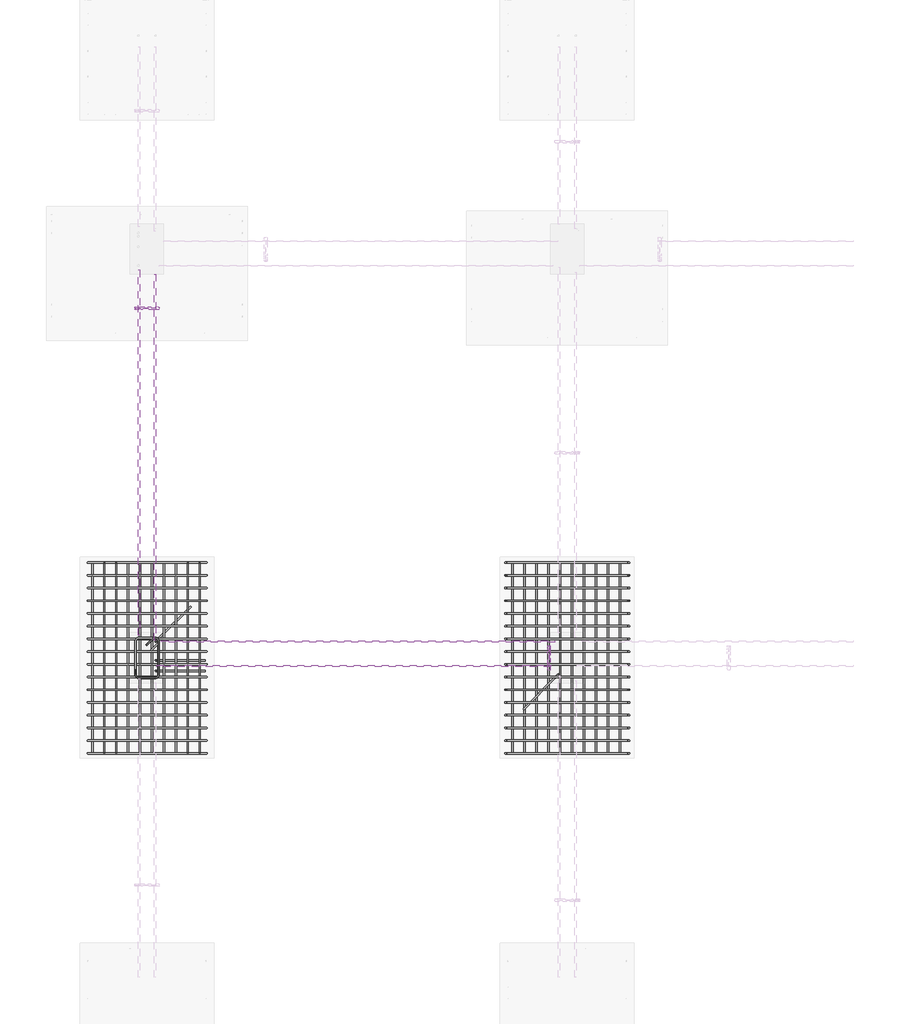
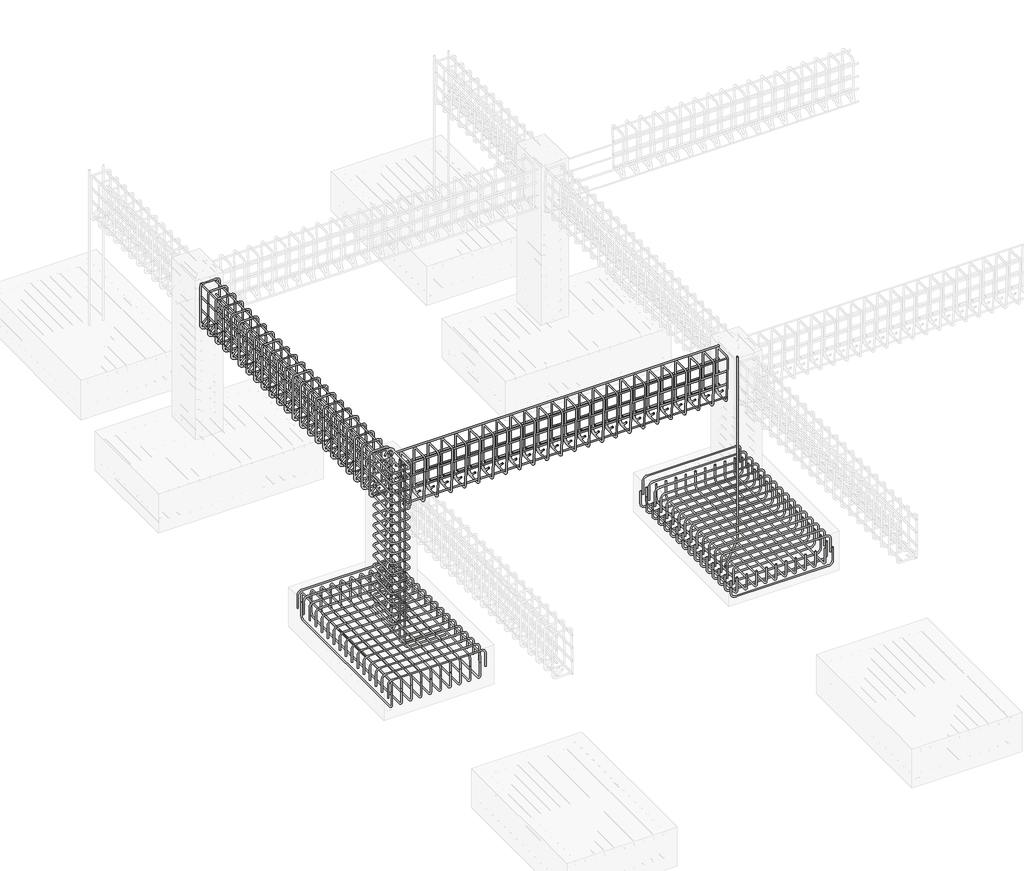
# One storey, part 4 of 20: 16 reinforcing bars.
"""IFC4 building model written with IfcOpenShell, lengths in millimetres."""

from ifc_helpers import new_model, si_unit, point, frame, origin, place, context, project, spatial, polyline, circle_curve, trimmed, segment, composite_curve, source, transform, mapped, element, save
from ifc_brep_helpers import swept_disk

model = new_model("IFC4")

# Units and contexts
model_context = context("Model", 3, world=origin())
ifc_project = project(units=[si_unit("LENGTHUNIT", "METRE", prefix="MILLI")], contexts=[model_context])

# Site, building, storey
site = spatial("IfcSite", under=ifc_project)
building = spatial("IfcBuilding", under=site)
storey = spatial("IfcBuildingStorey", under=building, Elevation=-1828.8)

# Reinforcing bars
placement = place(None, origin())
reinforcing_bar_shape = source(origin(), model_context, "Body", "SolidModel", [
    swept_disk(composite_curve([segment(polyline([(-6393.4168788, -1871.0168637, -2068.8), (-6393.4168788, -1871.0168637, -1921.5)]), True, "CONTINUOUS"), segment(trimmed(circle_curve(frame((-6347.0668788, -1871.0168637, -1921.5), z_axis=(0.0, 1.0, 0.0), x_axis=(-46.349999999999454, 0.0, 0.0)), 46.35), [point((-6393.4168788, -1871.0168637, -1921.5))], [point((-6347.0668788, -1871.0168637, -1875.15))], True, "CARTESIAN"), True, "CONTINUOUS"), segment(polyline([(-6347.0668788, -1871.0168637, -1875.15), (-5379.345487, -1871.0168637, -1875.15)]), True, "CONTINUOUS"), segment(trimmed(circle_curve(frame((-5379.345487, -1871.0168637, -1921.5), z_axis=(0.0, 1.0, 0.0), x_axis=(0.0, 0.0, 46.34999999999991)), 46.35), [point((-5379.345487, -1871.0168637, -1875.15))], [point((-5332.995487, -1871.0168637, -1921.5))], True, "CARTESIAN"), True, "CONTINUOUS"), segment(polyline([(-5332.995487, -1871.0168637, -1921.5), (-5332.995487, -1871.0168637, -2068.8)]), True, "CONTINUOUS")], self_intersect=False), 6.35),
])
element("IfcReinforcingBar", 1, at=placement, inside=storey, context=model_context, shape_type="MappedRepresentation", body=[
    mapped(reinforcing_bar_shape, transform((0.0, 0.0, 0.0), x_axis=(1.0, 0.0, 0.0), y_axis=(0.0, 1.0, 0.0), z_axis=(0.0, 0.0, 1.0))),
    mapped(reinforcing_bar_shape, transform((0.0, -113.82, 0.0), x_axis=(1.0, 0.0, 0.0), y_axis=(0.0, 1.0, 0.0), z_axis=(0.0, 0.0, 1.0))),
    mapped(reinforcing_bar_shape, transform((0.0, -227.64, 0.0), x_axis=(1.0, 0.0, 0.0), y_axis=(0.0, 1.0, 0.0), z_axis=(0.0, 0.0, 1.0))),
    mapped(reinforcing_bar_shape, transform((0.0, -341.46, 0.0), x_axis=(1.0, 0.0, 0.0), y_axis=(0.0, 1.0, 0.0), z_axis=(0.0, 0.0, 1.0))),
    mapped(reinforcing_bar_shape, transform((0.0, -455.28, 0.0), x_axis=(1.0, 0.0, 0.0), y_axis=(0.0, 1.0, 0.0), z_axis=(0.0, 0.0, 1.0))),
    mapped(reinforcing_bar_shape, transform((0.0, -569.1, 0.0), x_axis=(1.0, 0.0, 0.0), y_axis=(0.0, 1.0, 0.0), z_axis=(0.0, 0.0, 1.0))),
    mapped(reinforcing_bar_shape, transform((0.0, -682.92, 0.0), x_axis=(1.0, 0.0, 0.0), y_axis=(0.0, 1.0, 0.0), z_axis=(0.0, 0.0, 1.0))),
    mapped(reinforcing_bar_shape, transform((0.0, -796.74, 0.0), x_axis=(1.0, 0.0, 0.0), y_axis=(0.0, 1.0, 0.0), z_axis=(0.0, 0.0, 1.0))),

◆ ◆ ◆ ◆

Repeat each line of the records exactly. Do not include the pictures.

__ANSWER FOR THE TASK__:
# One storey, part 4 of 20: 16 reinforcing bars.
"""IFC4 building model written with IfcOpenShell, lengths in millimetres."""

from ifc_helpers import new_model, si_unit, point, frame, origin, place, context, project, spatial, polyline, circle_curve, trimmed, segment, composite_curve, source, transform, mapped, element, save
from ifc_brep_helpers import swept_disk

model = new_model("IFC4")

# Units and contexts
model_context = context("Model", 3, world=origin())
ifc_project = project(units=[si_unit("LENGTHUNIT", "METRE", prefix="MILLI")], contexts=[model_context])

# Site, building, storey
site = spatial("IfcSite", under=ifc_project)
building = spatial("IfcBuilding", under=site)
storey = spatial("IfcBuildingStorey", under=building, Elevation=-1828.8)

# Reinforcing bars
placement = place(None, origin())
reinforcing_bar_shape = source(origin(), model_context, "Body", "SolidModel", [
    swept_disk(composite_curve([segment(polyline([(-6393.4168788, -1871.0168637, -2068.8), (-6393.4168788, -1871.0168637, -1921.5)]), True, "CONTINUOUS"), segment(trimmed(circle_curve(frame((-6347.0668788, -1871.0168637, -1921.5), z_axis=(0.0, 1.0, 0.0), x_axis=(-46.349999999999454, 0.0, 0.0)), 46.35), [point((-6393.4168788, -1871.0168637, -1921.5))], [point((-6347.0668788, -1871.0168637, -1875.15))], True, "CARTESIAN"), True, "CONTINUOUS"), segment(polyline([(-6347.0668788, -1871.0168637, -1875.15), (-5379.345487, -1871.0168637, -1875.15)]), True, "CONTINUOUS"), segment(trimmed(circle_curve(frame((-5379.345487, -1871.0168637, -1921.5), z_axis=(0.0, 1.0, 0.0), x_axis=(0.0, 0.0, 46.34999999999991)), 46.35), [point((-5379.345487, -1871.0168637, -1875.15))], [point((-5332.995487, -1871.0168637, -1921.5))], True, "CARTESIAN"), True, "CONTINUOUS"), segment(polyline([(-5332.995487, -1871.0168637, -1921.5), (-5332.995487, -1871.0168637, -2068.8)]), True, "CONTINUOUS")], self_intersect=False), 6.35),
])
element("IfcReinforcingBar", 1, at=placement, inside=storey, context=model_context, shape_type="MappedRepresentation", body=[
    mapped(reinforcing_bar_shape, transform((0.0, 0.0, 0.0), x_axis=(1.0, 0.0, 0.0), y_axis=(0.0, 1.0, 0.0), z_axis=(0.0, 0.0, 1.0))),
    mapped(reinforcing_bar_shape, transform((0.0, -113.82, 0.0), x_axis=(1.0, 0.0, 0.0), y_axis=(0.0, 1.0, 0.0), z_axis=(0.0, 0.0, 1.0))),
    mapped(reinforcing_bar_shape, transform((0.0, -227.64, 0.0), x_axis=(1.0, 0.0, 0.0), y_axis=(0.0, 1.0, 0.0), z_axis=(0.0, 0.0, 1.0))),
    mapped(reinforcing_bar_shape, transform((0.0, -341.46, 0.0), x_axis=(1.0, 0.0, 0.0), y_axis=(0.0, 1.0, 0.0), z_axis=(0.0, 0.0, 1.0))),
    mapped(reinforcing_bar_shape, transform((0.0, -455.28, 0.0), x_axis=(1.0, 0.0, 0.0), y_axis=(0.0, 1.0, 0.0), z_axis=(0.0, 0.0, 1.0))),
    mapped(reinforcing_bar_shape, transform((0.0, -569.1, 0.0), x_axis=(1.0, 0.0, 0.0), y_axis=(0.0, 1.0, 0.0), z_axis=(0.0, 0.0, 1.0))),
    mapped(reinforcing_bar_shape, transform((0.0, -682.92, 0.0), x_axis=(1.0, 0.0, 0.0), y_axis=(0.0, 1.0, 0.0), z_axis=(0.0, 0.0, 1.0))),
    mapped(reinforcing_bar_shape, transform((0.0, -796.74, 0.0), x_axis=(1.0, 0.0, 0.0), y_axis=(0.0, 1.0, 0.0), z_axis=(0.0, 0.0, 1.0))),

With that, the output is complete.